### Data for review
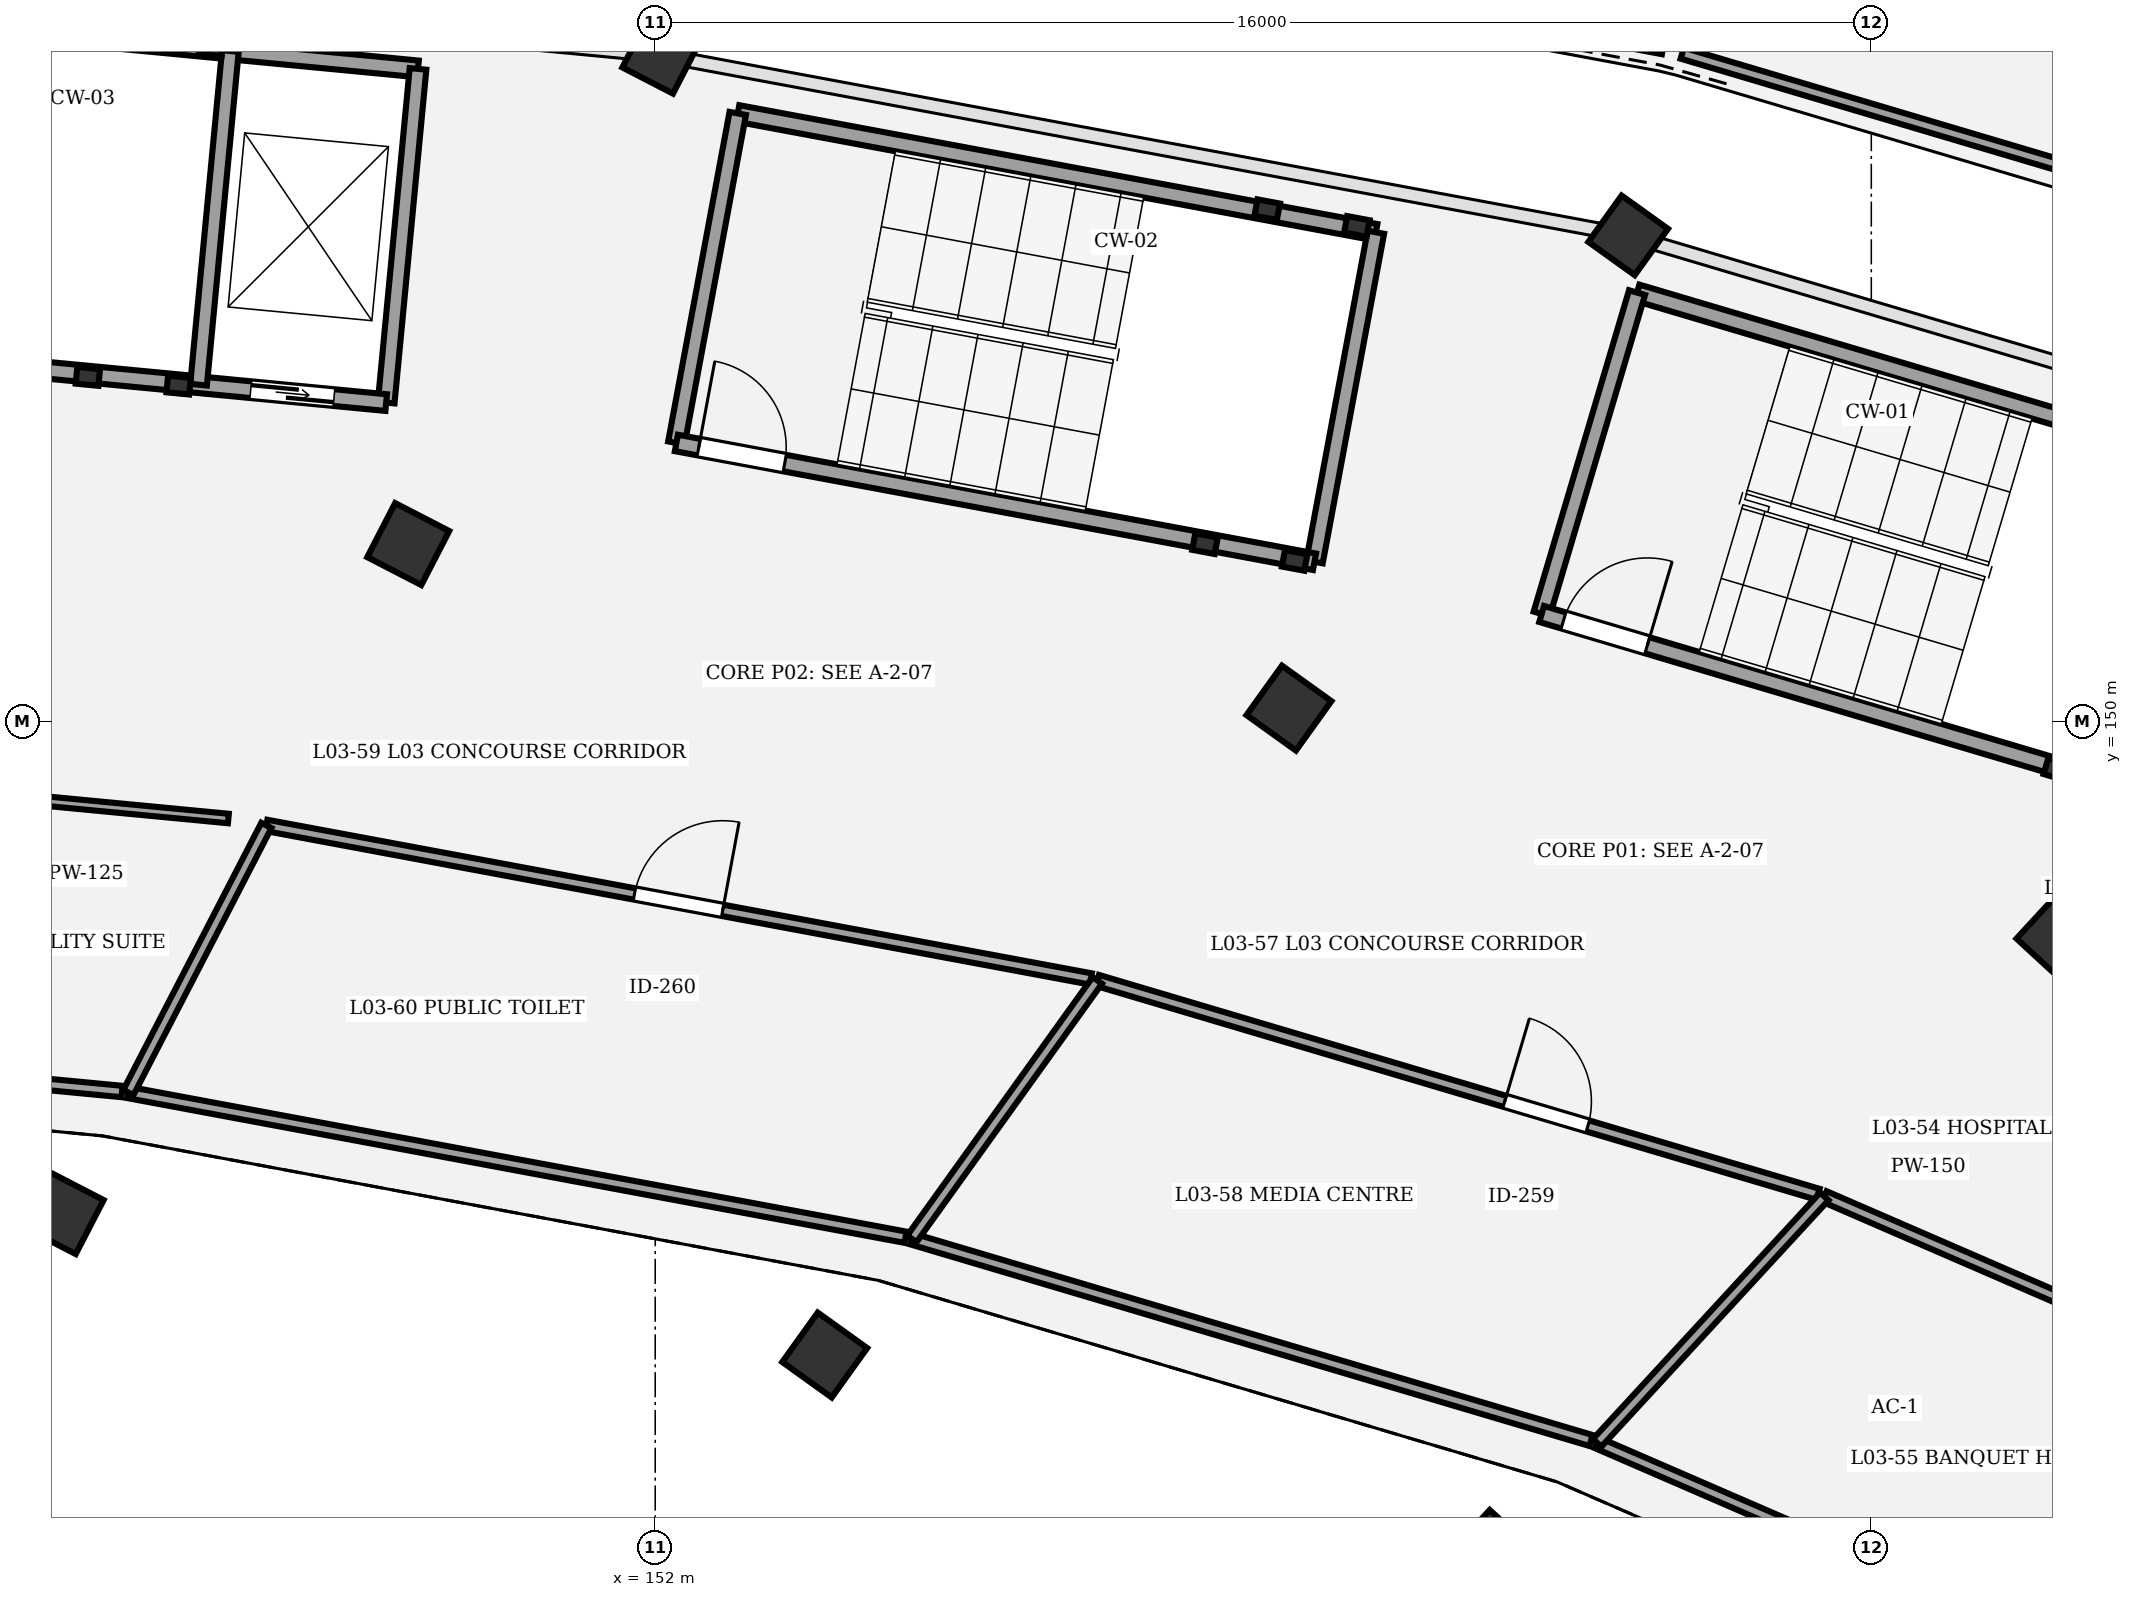
"""IFC4 building model, lengths in metres.
Left out: names, types, materials, properties, quantities, classifications, styles, units other than length and angle.
Written with IfcOpenShell. Run it as: python <this file> out.ifc"""

import sys

from ifc_helpers import new_model, si_unit, direction, frame, frame_2d, origin, origin_2d, place, context, subcontext, project, spatial, rectangle, extrude, element, fill, save


model = new_model("IFC4")
c1 = context("Model", 3, precision=1e-05, world=origin(), true_north=direction((0.0, 1.0)))
c2 = subcontext(c1, "Body", "Model", "MODEL_VIEW")
j1 = project(units=[si_unit("LENGTHUNIT", "METRE"), si_unit("PLANEANGLEUNIT", "RADIAN")], contexts=[c1])
p1 = place(None, origin())
s1 = spatial("IfcSite", under=j1, at=p1, CompositionType="ELEMENT")
p2 = place(p1, origin())
s2 = spatial("IfcBuilding", under=s1, at=p2, CompositionType="ELEMENT")
p3 = place(p2, frame((0.0, 0.0, 14.7)))
s3 = spatial("IfcBuildingStorey", under=s2, at=p3, CompositionType="ELEMENT", Elevation=14.7)
p4 = place(p3, frame((163.003, 139.062, 0.0), z_axis=(0.0, 0.0, 1.0), x_axis=(0.677903094969, 0.735151272753, 0.0)))
e1 = element("IfcColumn", 1, at=p4, inside=s3, PredefinedType="COLUMN", context=c2, shape_type="SweptSolid", body=[
    extrude(rectangle(XDim=0.8, YDim=0.8, at=origin_2d()), origin(), (0.0, 0.0, 1.0), 2.85),
])
p5 = place(p3, frame((170.476, 147.168, 0.0), z_axis=(0.0, 0.0, 1.0), x_axis=(0.677903094969, 0.735151272753, 0.0)))
e2 = element("IfcColumn", 2, at=p5, inside=s3, PredefinedType="COLUMN", context=c2, shape_type="SweptSolid", body=[
    extrude(rectangle(XDim=0.8, YDim=0.8, at=origin_2d()), origin(), (0.0, 0.0, 1.0), 4.5),
])
p6 = place(p3, frame((154.23, 141.667, 0.0), z_axis=(0.0, 0.0, 1.0), x_axis=(0.582974127943, 0.812490717577, 0.0)))
e3 = element("IfcColumn", 3, at=p6, inside=s3, PredefinedType="COLUMN", context=c2, shape_type="SweptSolid", body=[
    extrude(rectangle(XDim=0.8, YDim=0.8, at=origin_2d()), origin(), (0.0, 0.0, 1.0), 2.85),
])
p7 = place(p3, frame((160.338, 150.177, 0.0), z_axis=(0.0, 0.0, 1.0), x_axis=(0.582974127943, 0.812490717577, 0.0)))
e4 = element("IfcColumn", 4, at=p7, inside=s3, PredefinedType="COLUMN", context=c2, shape_type="SweptSolid", body=[
    extrude(rectangle(XDim=0.8, YDim=0.8, at=origin_2d()), origin(), (0.0, 0.0, 1.0), 4.5),
])
p8 = place(p3, frame((164.801, 156.397, 0.0), z_axis=(0.0, 0.0, 1.0), x_axis=(0.582974127943, 0.812490717577, 0.0)))
e5 = element("IfcColumn", 5, at=p8, inside=s3, PredefinedType="COLUMN", context=c2, shape_type="SweptSolid", body=[
    extrude(rectangle(XDim=0.75, YDim=0.75, at=origin_2d()), origin(), (0.0, 0.0, 1.0), 4.5),
])
p9 = place(p3, frame((144.204, 143.534, 0.0), z_axis=(0.0, 0.0, 1.0), x_axis=(0.458959712465, 0.888457079624, 0.0)))
e6 = element("IfcColumn", 6, at=p9, inside=s3, PredefinedType="COLUMN", context=c2, shape_type="SweptSolid", body=[
    extrude(rectangle(XDim=0.8, YDim=0.8, at=origin_2d()), origin(), (0.0, 0.0, 1.0), 2.85),
])
p10 = place(p3, frame((148.75, 152.335, 0.0), z_axis=(0.0, 0.0, 1.0), x_axis=(0.458959712465, 0.888457079624, 0.0)))
e7 = element("IfcColumn", 7, at=p10, inside=s3, PredefinedType="COLUMN", context=c2, shape_type="SweptSolid", body=[
    extrude(rectangle(XDim=0.8, YDim=0.8, at=origin_2d()), origin(), (0.0, 0.0, 1.0), 4.5),
])
p11 = place(p3, frame((152.073, 158.767, 0.0), z_axis=(0.0, 0.0, 1.0), x_axis=(0.458959712465, 0.888457079624, 0.0)))
e8 = element("IfcColumn", 8, at=p11, inside=s3, PredefinedType="COLUMN", context=c2, shape_type="SweptSolid", body=[
    extrude(rectangle(XDim=0.75, YDim=0.75, at=origin_2d()), origin(), (0.0, 0.0, 1.0), 4.5),
])
for number, where, z_axis, x_axis in (
    (9, (144.535, 154.541, 0.0), (0.0, 0.0, 1.0), (0.995, -0.095, 0.0)),
    (10, (145.73, 154.427, 0.0), (0.0, 0.0, 1.0), (0.995, -0.095, 0.0)),
    (11, (146.154, 158.877, 0.0), (0.0, 0.0, 1.0), (0.995, -0.095, 0.0)),
):
    element("IfcColumn", number, at=place(p3, frame(where, z_axis=z_axis, x_axis=x_axis)), inside=s3, PredefinedType="COLUMN", context=c2, shape_type="SweptSolid", body=[
        extrude(rectangle(XDim=0.3, YDim=0.22, at=origin_2d()), origin(), (0.0, 0.0, 1.0), 4.5),
    ])
p12 = place(p3, frame((137.909, 159.634, 0.0), z_axis=(0.0, 0.0, 1.0), x_axis=(0.99547962713, -0.094975322952, 0.0)))
e12 = element("IfcWall", 12, at=p12, inside=s3, PredefinedType="SHEAR", context=c2, shape_type="SweptSolid", body=[
    extrude(rectangle(XDim=11.02, YDim=0.22, at=frame_2d((5.51, 0.0))), origin(), (0.0, 0.0, 1.0), 4.25),
])
p13 = place(p3, frame((148.46, 154.197, 0.0), z_axis=(0.0, 0.0, 1.0), x_axis=(0.095002424918, 0.995477041051, 0.0)))
e13 = element("IfcWall", 13, at=p13, inside=s3, PredefinedType="SHEAR", context=c2, shape_type="SweptSolid", body=[
    extrude(rectangle(XDim=4.41, YDim=0.22, at=frame_2d((2.205, 0.0))), origin(), (0.0, 0.0, 1.0), 4.25),
])
p14 = place(p3, frame((137.49, 155.243, 0.0), z_axis=(0.0, 0.0, 1.0), x_axis=(0.995481721489, -0.094953368458, 0.0)))
e14 = element("IfcWall", 14, at=p14, inside=s3, PredefinedType="SHEAR", context=c2, shape_type="SweptSolid", body=[
    extrude(rectangle(XDim=11.02, YDim=0.22, at=frame_2d((5.51, 0.0))), origin(), (0.0, 0.0, 1.0), 4.25),
])
p15 = place(p14, frame((0.3, 0.0, 0.0)))
e15 = element("IfcOpeningElement", 15, at=p15, cuts=e14, PredefinedType="OPENING", context=c2, shape_type="SweptSolid", body=[
    extrude(rectangle(XDim=1.15, YDim=2.15, at=frame_2d((0.575, 1.075))), frame((0.0, 0.12, 0.0), z_axis=(0.0, -1.0, 0.0), x_axis=(1.0, 0.0, 0.0)), (0.0, 0.0, 1.0), 0.24),
])
p16 = place(p14, frame((9.23, 0.0, 0.0)))
e16 = element("IfcOpeningElement", 16, at=p16, cuts=e14, PredefinedType="OPENING", context=c2, shape_type="SweptSolid", body=[
    extrude(rectangle(XDim=1.1, YDim=2.15, at=frame_2d((0.55, 1.075))), frame((0.0, 0.12, 0.0), z_axis=(0.0, -1.0, 0.0), x_axis=(1.0, 0.0, 0.0)), (0.0, 0.0, 1.0), 0.24),
])
p17 = place(p3, frame((145.991, 154.432, 0.0), z_axis=(0.0, 0.0, 1.0), x_axis=(0.094997189401, 0.995477540684, 0.0)))
e17 = element("IfcWall", 17, at=p17, inside=s3, PredefinedType="SHEAR", context=c2, shape_type="SweptSolid", body=[
    extrude(rectangle(XDim=4.41, YDim=0.22, at=frame_2d((2.205, 0.0))), origin(), (0.0, 0.0, 1.0), 4.25),
])
p18 = place(p3, frame((170.442, 149.373, 0.0), z_axis=(0.0, 0.0, 1.0), x_axis=(0.958670893355, -0.284517342588, 0.0)))
e18 = element("IfcColumn", 18, at=p18, inside=s3, PredefinedType="COLUMN", context=c2, shape_type="SweptSolid", body=[
    extrude(rectangle(XDim=0.3, YDim=0.22, at=origin_2d()), origin(), (0.0, 0.0, 1.0), 4.5),
])
p19 = place(p3, frame((164.918, 155.644, 0.0), z_axis=(0.0, 0.0, 1.0), x_axis=(0.958675743706, -0.284500998997, 0.0)))
e19 = element("IfcWall", 19, at=p19, inside=s3, PredefinedType="SHEAR", context=c2, shape_type="SweptSolid", body=[
    extrude(rectangle(XDim=8.54, YDim=0.22, at=frame_2d((4.27, 0.0))), origin(), (0.0, 0.0, 1.0), 4.25),
])
p20 = place(p3, frame((163.663, 151.416, 0.0), z_axis=(0.0, 0.0, 1.0), x_axis=(0.284497328872, 0.958676832861, 0.0)))
e20 = element("IfcWall", 20, at=p20, inside=s3, PredefinedType="SHEAR", context=c2, shape_type="SweptSolid", body=[
    extrude(rectangle(XDim=4.41, YDim=0.22, at=frame_2d((2.205, 0.0))), origin(), (0.0, 0.0, 1.0), 4.25),
])
p21 = place(p3, frame((163.663, 151.416, 0.0), z_axis=(0.0, 0.0, 1.0), x_axis=(0.958665631999, -0.284535069937, 0.0)))
e21 = element("IfcWall", 21, at=p21, inside=s3, PredefinedType="SHEAR", context=c2, shape_type="SweptSolid", body=[
    extrude(rectangle(XDim=8.54, YDim=0.22, at=frame_2d((4.27, 0.0))), origin(), (0.0, 0.0, 1.0), 4.25),
])
p22 = place(p21, frame((0.3, 0.0, 0.0)))
e22 = element("IfcOpeningElement", 22, at=p22, cuts=e21, PredefinedType="OPENING", context=c2, shape_type="SweptSolid", body=[
    extrude(rectangle(XDim=1.15, YDim=2.15, at=frame_2d((0.575, 1.075))), frame((0.0, 0.12, 0.0), z_axis=(0.0, -1.0, 0.0), x_axis=(1.0, 0.0, 0.0)), (0.0, 0.0, 1.0), 0.24),
])
for number, where, z_axis, x_axis in (
    (23, (159.233, 152.34, 0.0), (0.0, 0.0, 1.0), (0.983, -0.183, 0.0)),
    (24, (160.413, 152.121, 0.0), (0.0, 0.0, 1.0), (0.983, -0.183, 0.0)),
    (25, (161.231, 156.515, 0.0), (0.0, 0.0, 1.0), (0.983, -0.183, 0.0)),
    (26, (160.052, 156.735, 0.0), (0.0, 0.0, 1.0), (0.983, -0.183, 0.0)),
):
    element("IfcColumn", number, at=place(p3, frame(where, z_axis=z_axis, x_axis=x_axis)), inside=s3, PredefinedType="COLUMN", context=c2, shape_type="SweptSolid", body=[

### Exercise instructions
Return each line of the listing that holds the word "import".

### Answer to this task
import sys
from ifc_helpers import new_model, si_unit, direction, frame, frame_2d, origin, origin_2d, place, context, subcontext, project, spatial, rectangle, extrude, element, fill, save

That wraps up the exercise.